------ EXERCISE DATA ------

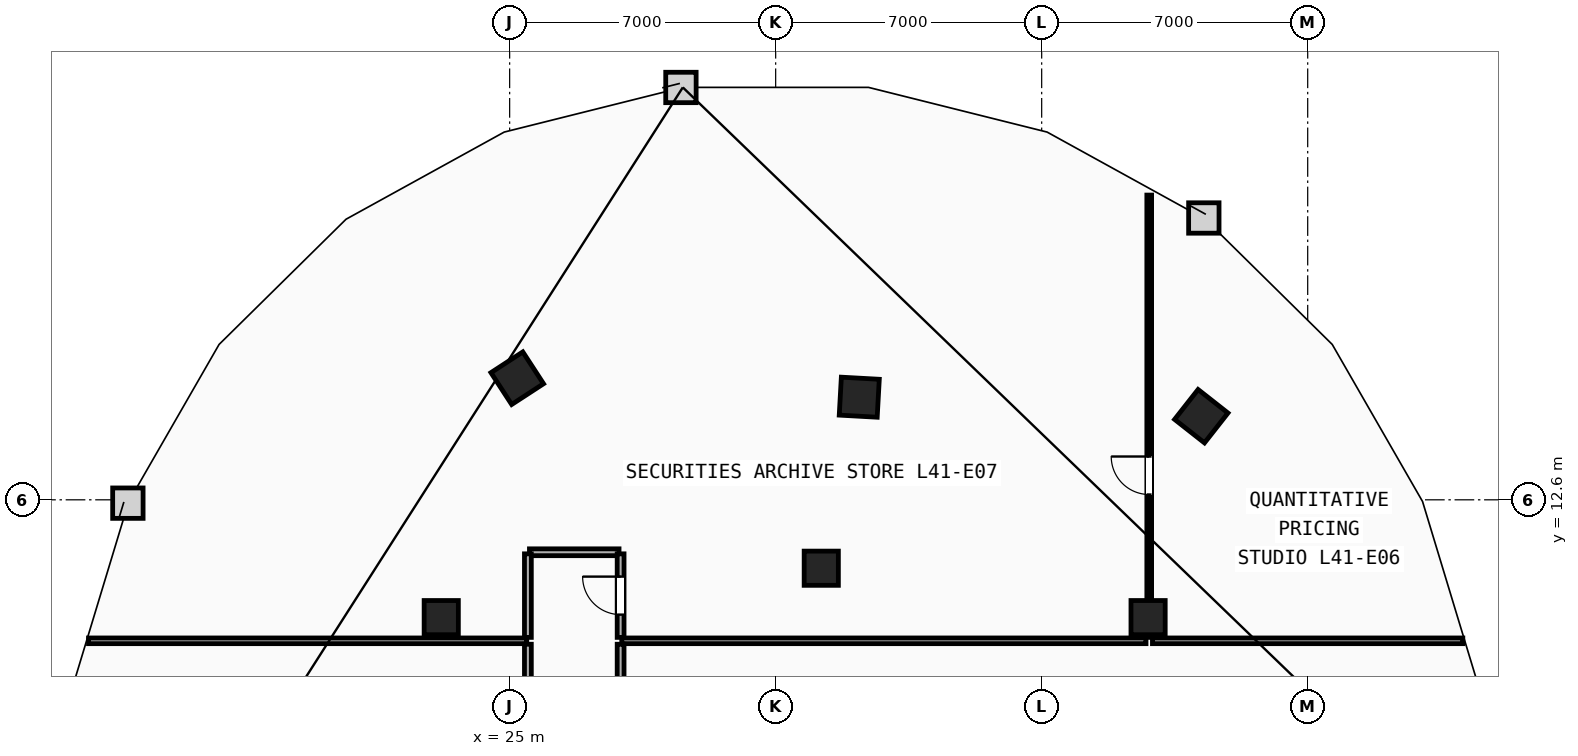
"""IFC4 building model, lengths in metres.
Left out: names, types, materials, properties, quantities, classifications, styles, units other than length and angle.
Written with IfcOpenShell. Run it as: python <this file> out.ifc"""

import sys

from ifc_helpers import new_model, si_unit, direction, frame, frame_2d, origin, origin_2d, place, context, subcontext, project, spatial, rectangle, extrude, element, fill, save


model = new_model("IFC4")
c1 = context("Model", 3, precision=1e-05, world=origin(), true_north=direction((0.0, 1.0)))
c2 = subcontext(c1, "Body", "Model", "MODEL_VIEW")
j1 = project(units=[si_unit("LENGTHUNIT", "METRE"), si_unit("PLANEANGLEUNIT", "RADIAN")], contexts=[c1])
p1 = place(None, origin())
s1 = spatial("IfcSite", under=j1, at=p1, CompositionType="ELEMENT")
p2 = place(p1, origin())
s2 = spatial("IfcBuilding", under=s1, at=p2, CompositionType="ELEMENT")
p3 = place(p2, frame((0.0, 0.0, 158.4)))
s3 = spatial("IfcBuildingStorey", under=s2, at=p3, CompositionType="ELEMENT", Elevation=158.4)
for number, where, z_axis, x_axis in (
    (1, (41.8, 9.5, 0.0), (0.0, 0.0, 1.0), (1.0, 0.0, 0.0)),
    (2, (33.2, 10.8, 0.0), (0.0, 0.0, 1.0), (1.0, 0.0, 0.0)),
    (3, (23.2, 9.5, 0.0), (0.0, 0.0, 1.0), (1.0, 0.0, 0.0)),
):
    element("IfcColumn", number, at=place(p3, frame(where, z_axis=z_axis, x_axis=x_axis)), inside=s3, PredefinedType="COLUMN", context=c2, shape_type="SweptSolid", body=[
        extrude(rectangle(XDim=0.9, YDim=0.9, at=origin_2d()), origin(), (0.0, 0.0, 1.0), 3.6),
    ])
for number, where, z_axis, x_axis in (
    (4, (43.2, 14.8, 0.0), (0.0, 0.0, 1.0), (-0.786, 0.618, 0.0)),
    (5, (34.2, 15.3, 0.0), (0.0, 0.0, 1.0), (-0.998, 0.055, 0.0)),
    (6, (25.2, 15.8, 0.0), (0.0, 0.0, 1.0), (-0.838, -0.546, 0.0)),
):
    element("IfcColumn", number, at=place(p3, frame(where, z_axis=z_axis, x_axis=x_axis)), inside=s3, PredefinedType="COLUMN", context=c2, shape_type="SweptSolid", body=[
        extrude(rectangle(XDim=1.0, YDim=1.0, at=origin_2d()), origin(), (0.0, 0.0, 1.0), 3.6),
    ])
p4 = place(p3, frame((13.918, 8.89, 0.0), z_axis=(0.0, 0.0, 1.0), x_axis=(1.0, 0.0, 0.0)))
e7 = element("IfcWall", 7, at=p4, inside=s3, PredefinedType="PARTITIONING", context=c2, shape_type="SweptSolid", body=[
    extrude(rectangle(XDim=11.532, YDim=0.15, at=frame_2d((5.766, 0.0))), origin(), (0.0, 0.0, 1.0), 3.36),
])
p5 = place(p3, frame((27.95, 8.89, 0.0), z_axis=(0.0, 0.0, 1.0), x_axis=(1.0, 0.0, 0.0)))
e8 = element("IfcWall", 8, at=p5, inside=s3, PredefinedType="PARTITIONING", context=c2, shape_type="SweptSolid", body=[
    extrude(rectangle(XDim=13.795, YDim=0.15, at=frame_2d((6.897, 0.0))), origin(), (0.0, 0.0, 1.0), 3.36),
])
p6 = place(p3, frame((41.915, 8.89, 0.0), z_axis=(0.0, 0.0, 1.0), x_axis=(1.0, 0.0, 0.0)))
e9 = element("IfcWall", 9, at=p6, inside=s3, PredefinedType="PARTITIONING", context=c2, shape_type="SweptSolid", body=[
    extrude(rectangle(XDim=8.167, YDim=0.15, at=frame_2d((4.083, 0.0))), origin(), (0.0, 0.0, 1.0), 3.36),
])
p7 = place(p3, frame((25.48, 8.8, 0.0), z_axis=(0.0, 0.0, 1.0), x_axis=(0.0, -1.0, 0.0)))
e10 = element("IfcWall", 10, at=p7, inside=s3, PredefinedType="PARTITIONING", context=c2, shape_type="SweptSolid", body=[
    extrude(rectangle(XDim=8.35, YDim=0.18, at=frame_2d((4.175, 0.0))), origin(), (0.0, 0.0, 1.0), 3.36),
])
p8 = place(p3, frame((27.92, 0.45, 0.0), z_axis=(0.0, 0.0, 1.0), x_axis=(0.0, 1.0, 0.0)))
e11 = element("IfcWall", 11, at=p8, inside=s3, PredefinedType="PARTITIONING", context=c2, shape_type="SweptSolid", body=[
    extrude(rectangle(XDim=8.35, YDim=0.18, at=frame_2d((4.175, 0.0))), origin(), (0.0, 0.0, 1.0), 3.36),
])
p9 = place(p8, frame((3.675, 0.0, 0.0)))
e12 = element("IfcOpeningElement", 12, at=p9, cuts=e11, PredefinedType="OPENING", context=c2, shape_type="SweptSolid", body=[
    extrude(rectangle(XDim=1.0, YDim=2.15, at=frame_2d((0.5, 1.075))), frame((0.0, 0.1, 0.0), z_axis=(0.0, -1.0, 0.0), x_axis=(1.0, 0.0, 0.0)), (0.0, 0.0, 1.0), 0.2),
])
p10 = place(p3, frame((27.878, 11.22, 0.0), z_axis=(0.0, 0.0, 1.0), x_axis=(-1.0, 0.0, 0.0)))
e13 = element("IfcWall", 13, at=p10, inside=s3, PredefinedType="PARTITIONING", context=c2, shape_type="SweptSolid", body=[
    extrude(rectangle(XDim=2.357, YDim=0.18, at=frame_2d((1.178, 0.0))), origin(), (0.0, 0.0, 1.0), 3.36),
])
p11 = place(p3, frame((25.48, 11.178, 0.0), z_axis=(0.0, 0.0, 1.0), x_axis=(0.0, -1.0, 0.0)))
e14 = element("IfcWall", 14, at=p11, inside=s3, PredefinedType="PARTITIONING", context=c2, shape_type="SweptSolid", body=[
    extrude(rectangle(XDim=2.198, YDim=0.18, at=frame_2d((1.099, 0.0))), origin(), (0.0, 0.0, 1.0), 3.36),
])
p12 = place(p3, frame((27.92, 8.98, 0.0), z_axis=(0.0, 0.0, 1.0), x_axis=(0.0, 1.0, 0.0)))
e15 = element("IfcWall", 15, at=p12, inside=s3, PredefinedType="PARTITIONING", context=c2, shape_type="SweptSolid", body=[
    extrude(rectangle(XDim=2.198, YDim=0.18, at=frame_2d((1.099, 0.0))), origin(), (0.0, 0.0, 1.0), 3.36),
])
p13 = place(p12, frame((0.599, 0.0, 0.0)))
e16 = element("IfcOpeningElement", 16, at=p13, cuts=e15, PredefinedType="OPENING", context=c2, shape_type="SweptSolid", body=[
    extrude(rectangle(XDim=1.0, YDim=2.15, at=frame_2d((0.5, 1.075))), frame((0.0, 0.1, 0.0), z_axis=(0.0, -1.0, 0.0), x_axis=(1.0, 0.0, 0.0)), (0.0, 0.0, 1.0), 0.2),
])
p14 = place(p3, frame((41.83, 8.98, 0.0), z_axis=(0.0, 0.0, 1.0), x_axis=(0.0, 1.0, 0.0)))
e17 = element("IfcWall", 17, at=p14, inside=s3, PredefinedType="PARTITIONING", context=c2, shape_type="SweptSolid", body=[
    extrude(rectangle(XDim=11.638, YDim=0.125, at=frame_2d((5.819, 0.0))), origin(), (0.0, 0.0, 1.0), 2.897),
])
p15 = place(p14, frame((3.76, 0.0, 0.0)))
e18 = element("IfcOpeningElement", 18, at=p15, cuts=e17, PredefinedType="OPENING", context=c2, shape_type="SweptSolid", body=[
    extrude(rectangle(XDim=1.0, YDim=2.15, at=frame_2d((0.5, 1.075))), frame((0.0, 0.073, 0.0), z_axis=(0.0, -1.0, 0.0), x_axis=(1.0, 0.0, 0.0)), (0.0, 0.0, 1.0), 0.145),
])
p16 = place(p15, origin())
e19 = element("IfcDoor", 19, at=p16, inside=s3, OperationType="SINGLE_SWING_RIGHT", PredefinedType="DOOR", context=c2, shape_type="SweptSolid", body=[
    extrude(rectangle(XDim=1.0, YDim=2.15, at=frame_2d((0.5, 1.075))), frame((0.0, 0.025, 0.0), z_axis=(0.0, -1.0, 0.0), x_axis=(1.0, 0.0, 0.0)), (0.0, 0.0, 1.0), 0.05),
])
fill(e18, e19)
p17 = place(p13, origin())
e20 = element("IfcDoor", 20, at=p17, inside=s3, OperationType="SINGLE_SWING_RIGHT", PredefinedType="DOOR", context=c2, shape_type="SweptSolid", body=[
    extrude(rectangle(XDim=1.0, YDim=2.15, at=frame_2d((0.5, 1.075))), frame((0.0, 0.025, 0.0), z_axis=(0.0, -1.0, 0.0), x_axis=(1.0, 0.0, 0.0)), (0.0, 0.0, 1.0), 0.05),
])
fill(e16, e20)
save(model, sys.argv[1])

------

§ **REQUIREMENT**
Look through the entries and copy every line in which the string "OPENING" appears.

§ **RESPONSE BOX**
e12 = element("IfcOpeningElement", 12, at=p9, cuts=e11, PredefinedType="OPENING", context=c2, shape_type="SweptSolid", body=[
e16 = element("IfcOpeningElement", 16, at=p13, cuts=e15, PredefinedType="OPENING", context=c2, shape_type="SweptSolid", body=[
e18 = element("IfcOpeningElement", 18, at=p15, cuts=e17, PredefinedType="OPENING", context=c2, shape_type="SweptSolid", body=[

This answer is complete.